| Problem details |
Find the line containing "fill(e12, e18)". Reproduce it and every line after it up to the end of the records, exactly as written.

(Stored data)
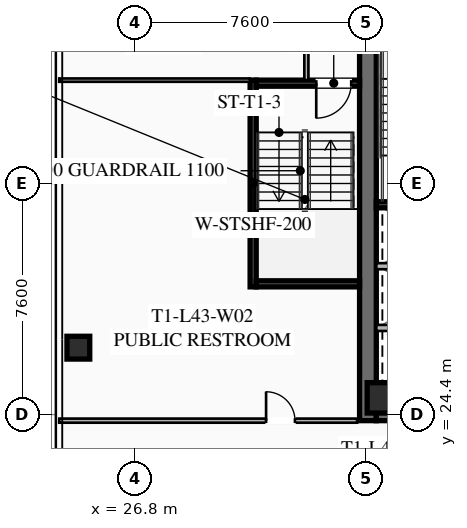
"""IFC4 building model, lengths in metres.
Left out: names, types, materials, properties, quantities, classifications, styles, units other than length and angle.
Written with IfcOpenShell. Run it as: python <this file> out.ifc"""

import sys

from ifc_helpers import new_model, si_unit, direction, frame, frame_2d, origin, origin_2d, place, context, subcontext, project, spatial, rectangle, hollow_rectangle, extrude, element, fill, save


model = new_model("IFC4")
c1 = context("Model", 3, precision=1e-05, world=origin(), true_north=direction((0.0, 1.0)))
c2 = subcontext(c1, "Body", "Model", "MODEL_VIEW")
j1 = project(units=[si_unit("LENGTHUNIT", "METRE"), si_unit("PLANEANGLEUNIT", "RADIAN")], contexts=[c1])
p1 = place(None, origin())
s1 = spatial("IfcSite", under=j1, at=p1, CompositionType="ELEMENT")
p2 = place(p1, origin())
s2 = spatial("IfcBuilding", under=s1, at=p2, CompositionType="ELEMENT")
p3 = place(p2, frame((0.0, 0.0, 160.55)))
s3 = spatial("IfcBuildingStorey", under=s2, at=p3, CompositionType="ELEMENT", Elevation=160.55)
p4 = place(p3, frame((34.475, 24.2, 0.0), z_axis=(0.0, 0.0, 1.0), x_axis=(0.0, 1.0, 0.0)))
e1 = element("IfcWall", 1, at=p4, inside=s3, PredefinedType="SHEAR", context=c2, shape_type="SweptSolid", body=[
    extrude(rectangle(XDim=15.6, YDim=0.55, at=frame_2d((7.8, 0.0))), origin(), (0.0, 0.0, 1.0), 3.55),
])
p5 = place(p3, frame((49.25, 24.475, 0.0), z_axis=(0.0, 0.0, 1.0), x_axis=(-1.0, 0.0, 0.0)))
e2 = element("IfcWall", 2, at=p5, inside=s3, PredefinedType="SHEAR", context=c2, shape_type="SweptSolid", body=[
    extrude(rectangle(XDim=14.5, YDim=0.55, at=frame_2d((7.25, 0.0))), origin(), (0.0, 0.0, 1.0), 3.55),
])
p6 = place(p5, frame((8.95, 0.0, 0.0)))
e3 = element("IfcOpeningElement", 3, at=p6, cuts=e2, PredefinedType="OPENING", context=c2, shape_type="SweptSolid", body=[
    extrude(rectangle(XDim=1.25, YDim=2.25, at=frame_2d((0.625, 1.125))), frame((0.0, 0.285, 0.0), z_axis=(0.0, -1.0, 0.0), x_axis=(1.0, 0.0, 0.0)), (0.0, 0.0, 1.0), 0.57),
])
p7 = place(p5, frame((3.9, 0.0, 0.0)))
e4 = element("IfcOpeningElement", 4, at=p7, cuts=e2, PredefinedType="OPENING", context=c2, shape_type="SweptSolid", body=[
    extrude(rectangle(XDim=1.25, YDim=2.25, at=frame_2d((0.625, 1.125))), frame((0.0, 0.285, 0.0), z_axis=(0.0, -1.0, 0.0), x_axis=(1.0, 0.0, 0.0)), (0.0, 0.0, 1.0), 0.57),
])
p8 = place(p3, frame((34.95, 24.95, 0.0), z_axis=(0.0, 0.0, 1.0), x_axis=(1.0, 0.0, 0.0)))
e5 = element("IfcColumn", 5, at=p8, inside=s3, PredefinedType="COLUMN", context=c2, shape_type="SweptSolid", body=[
    extrude(hollow_rectangle(XDim=1.0, YDim=1.0, WallThickness=0.04, at=origin_2d()), origin(), (0.0, 0.0, 1.0), 3.37),
])
p9 = place(p3, frame((24.95, 26.6, 0.0), z_axis=(0.0, 0.0, 1.0), x_axis=(1.0, 0.0, 0.0)))
e6 = element("IfcColumn", 6, at=p9, inside=s3, PredefinedType="COLUMN", context=c2, shape_type="SweptSolid", body=[
    extrude(hollow_rectangle(XDim=0.75, YDim=0.75, WallThickness=0.032, at=origin_2d()), origin(), (0.0, 0.0, 1.0), 3.37),
])
p10 = place(p3, frame((34.75, 31.3, 0.0), z_axis=(0.0, 0.0, 1.0), x_axis=(1.0, 0.0, 0.0)))
e7 = element("IfcWall", 7, at=p10, inside=s3, PredefinedType="SHEAR", context=c2, shape_type="SweptSolid", body=[
    extrude(rectangle(XDim=3.55, YDim=0.2, at=frame_2d((1.775, 0.0))), origin(), (0.0, 0.0, 1.0), 3.37),
])
for number, where, z_axis, x_axis in (
    (8, (34.75, 27.25, 0.0), (0.0, 0.0, 1.0), (1.0, 0.0, 0.0)),
    (9, (34.75, 29.28, 0.0), (0.0, 0.0, 1.0), (1.0, 0.0, 0.0)),
):
    element("IfcWall", number, at=place(p3, frame(where, z_axis=z_axis, x_axis=x_axis)), inside=s3, PredefinedType="SOLIDWALL", context=c2, shape_type="SweptSolid", body=[
        extrude(rectangle(XDim=3.2, YDim=0.2, at=frame_2d((1.6, 0.0))), origin(), (0.0, 0.0, 1.0), 3.37),
    ])
p11 = place(p3, frame((30.7, 28.6, 0.0), z_axis=(0.0, 0.0, 1.0), x_axis=(0.0, 1.0, 0.0)))
e10 = element("IfcWall", 10, at=p11, inside=s3, PredefinedType="SHEAR", context=c2, shape_type="SweptSolid", body=[
    extrude(rectangle(XDim=6.8, YDim=0.2, at=frame_2d((3.4, 0.0))), origin(), (0.0, 0.0, 1.0), 3.37),
])
p12 = place(p3, frame((34.2, 35.3, 0.0), z_axis=(0.0, 0.0, 1.0), x_axis=(-1.0, 0.0, 0.0)))
e11 = element("IfcWall", 11, at=p12, inside=s3, PredefinedType="SHEAR", context=c2, shape_type="SweptSolid", body=[
    extrude(rectangle(XDim=3.4, YDim=0.2, at=frame_2d((1.7, 0.0))), origin(), (0.0, 0.0, 1.0), 3.37),
])
p13 = place(p12, frame((0.275, 0.0, 0.0)))
e12 = element("IfcOpeningElement", 12, at=p13, cuts=e11, PredefinedType="OPENING", context=c2, shape_type="SweptSolid", body=[
    extrude(rectangle(XDim=1.15, YDim=2.2, at=frame_2d((0.575, 1.1))), frame((0.0, 0.11, 0.0), z_axis=(0.0, -1.0, 0.0), x_axis=(1.0, 0.0, 0.0)), (0.0, 0.0, 1.0), 0.22),
])
p14 = place(p3, frame((30.8, 28.7, 0.0), z_axis=(0.0, 0.0, 1.0), x_axis=(1.0, 0.0, 0.0)))
e13 = element("IfcWall", 13, at=p14, inside=s3, PredefinedType="SHEAR", context=c2, shape_type="SweptSolid", body=[
    extrude(rectangle(XDim=3.4, YDim=0.2, at=frame_2d((1.7, 0.0))), origin(), (0.0, 0.0, 1.0), 3.37),
])
p15 = place(p3, frame((32.45, 35.4, 0.0), z_axis=(0.0, 0.0, 1.0), x_axis=(0.0, 1.0, 0.0)))
e14 = element("IfcWall", 14, at=p15, inside=s3, PredefinedType="PARTITIONING", context=c2, shape_type="SweptSolid", body=[
    extrude(rectangle(XDim=4.4, YDim=0.135, at=frame_2d((2.2, 0.0))), origin(), (0.0, 0.0, 1.0), 2.723),
])
p16 = place(p3, frame((24.32, 24.2, 0.0), z_axis=(0.0, 0.0, 1.0), x_axis=(1.0, 0.0, 0.0)))
e15 = element("IfcWall", 15, at=p16, inside=s3, PredefinedType="PARTITIONING", context=c2, shape_type="SweptSolid", body=[
    extrude(rectangle(XDim=9.8, YDim=0.135, at=frame_2d((4.9, 0.0))), origin(), (0.0, 0.0, 1.0), 2.723),
])
p17 = place(p16, frame((6.805, 0.0, 0.0)))
e16 = element("IfcOpeningElement", 16, at=p17, cuts=e15, PredefinedType="OPENING", context=c2, shape_type="SweptSolid", body=[
    extrude(rectangle(XDim=0.95, YDim=2.05, at=frame_2d((0.475, 1.025))), frame((0.0, 0.077, 0.0), z_axis=(0.0, -1.0, 0.0), x_axis=(1.0, 0.0, 0.0)), (0.0, 0.0, 1.0), 0.155),
])
p18 = place(p3, frame((30.6, 35.4, 0.0), z_axis=(0.0, 0.0, 1.0), x_axis=(-1.0, 0.0, 0.0)))
e17 = element("IfcWall", 17, at=p18, inside=s3, PredefinedType="PARTITIONING", context=c2, shape_type="SweptSolid", body=[
    extrude(rectangle(XDim=6.28, YDim=0.11, at=frame_2d((3.14, 0.0))), origin(), (0.0, 0.0, 1.0), 2.723),
])
p19 = place(p13, origin())
e18 = element("IfcDoor", 18, at=p19, inside=s3, OperationType="SINGLE_SWING_RIGHT", PredefinedType="DOOR", context=c2, shape_type="SweptSolid", body=[
    extrude(rectangle(XDim=1.15, YDim=2.2, at=frame_2d((0.575, 1.1))), frame((0.0, 0.025, 0.0), z_axis=(0.0, -1.0, 0.0), x_axis=(1.0, 0.0, 0.0)), (0.0, 0.0, 1.0), 0.05),
])
fill(e12, e18)
p20 = place(p17, origin())
e19 = element("IfcDoor", 19, at=p20, inside=s3, OperationType="SINGLE_SWING_LEFT", PredefinedType="DOOR", context=c2, shape_type="SweptSolid", body=[
    extrude(rectangle(XDim=0.95, YDim=2.05, at=frame_2d((0.475, 1.025))), frame((0.0, 0.025, 0.0), z_axis=(0.0, -1.0, 0.0), x_axis=(1.0, 0.0, 0.0)), (0.0, 0.0, 1.0), 0.05),
])
fill(e16, e19)
save(model, sys.argv[1])

| Written answer |
fill(e12, e18)
p20 = place(p17, origin())
e19 = element("IfcDoor", 19, at=p20, inside=s3, OperationType="SINGLE_SWING_LEFT", PredefinedType="DOOR", context=c2, shape_type="SweptSolid", body=[
    extrude(rectangle(XDim=0.95, YDim=2.05, at=frame_2d((0.475, 1.025))), frame((0.0, 0.025, 0.0), z_axis=(0.0, -1.0, 0.0), x_axis=(1.0, 0.0, 0.0)), (0.0, 0.0, 1.0), 0.05),
])
fill(e16, e19)
save(model, sys.argv[1])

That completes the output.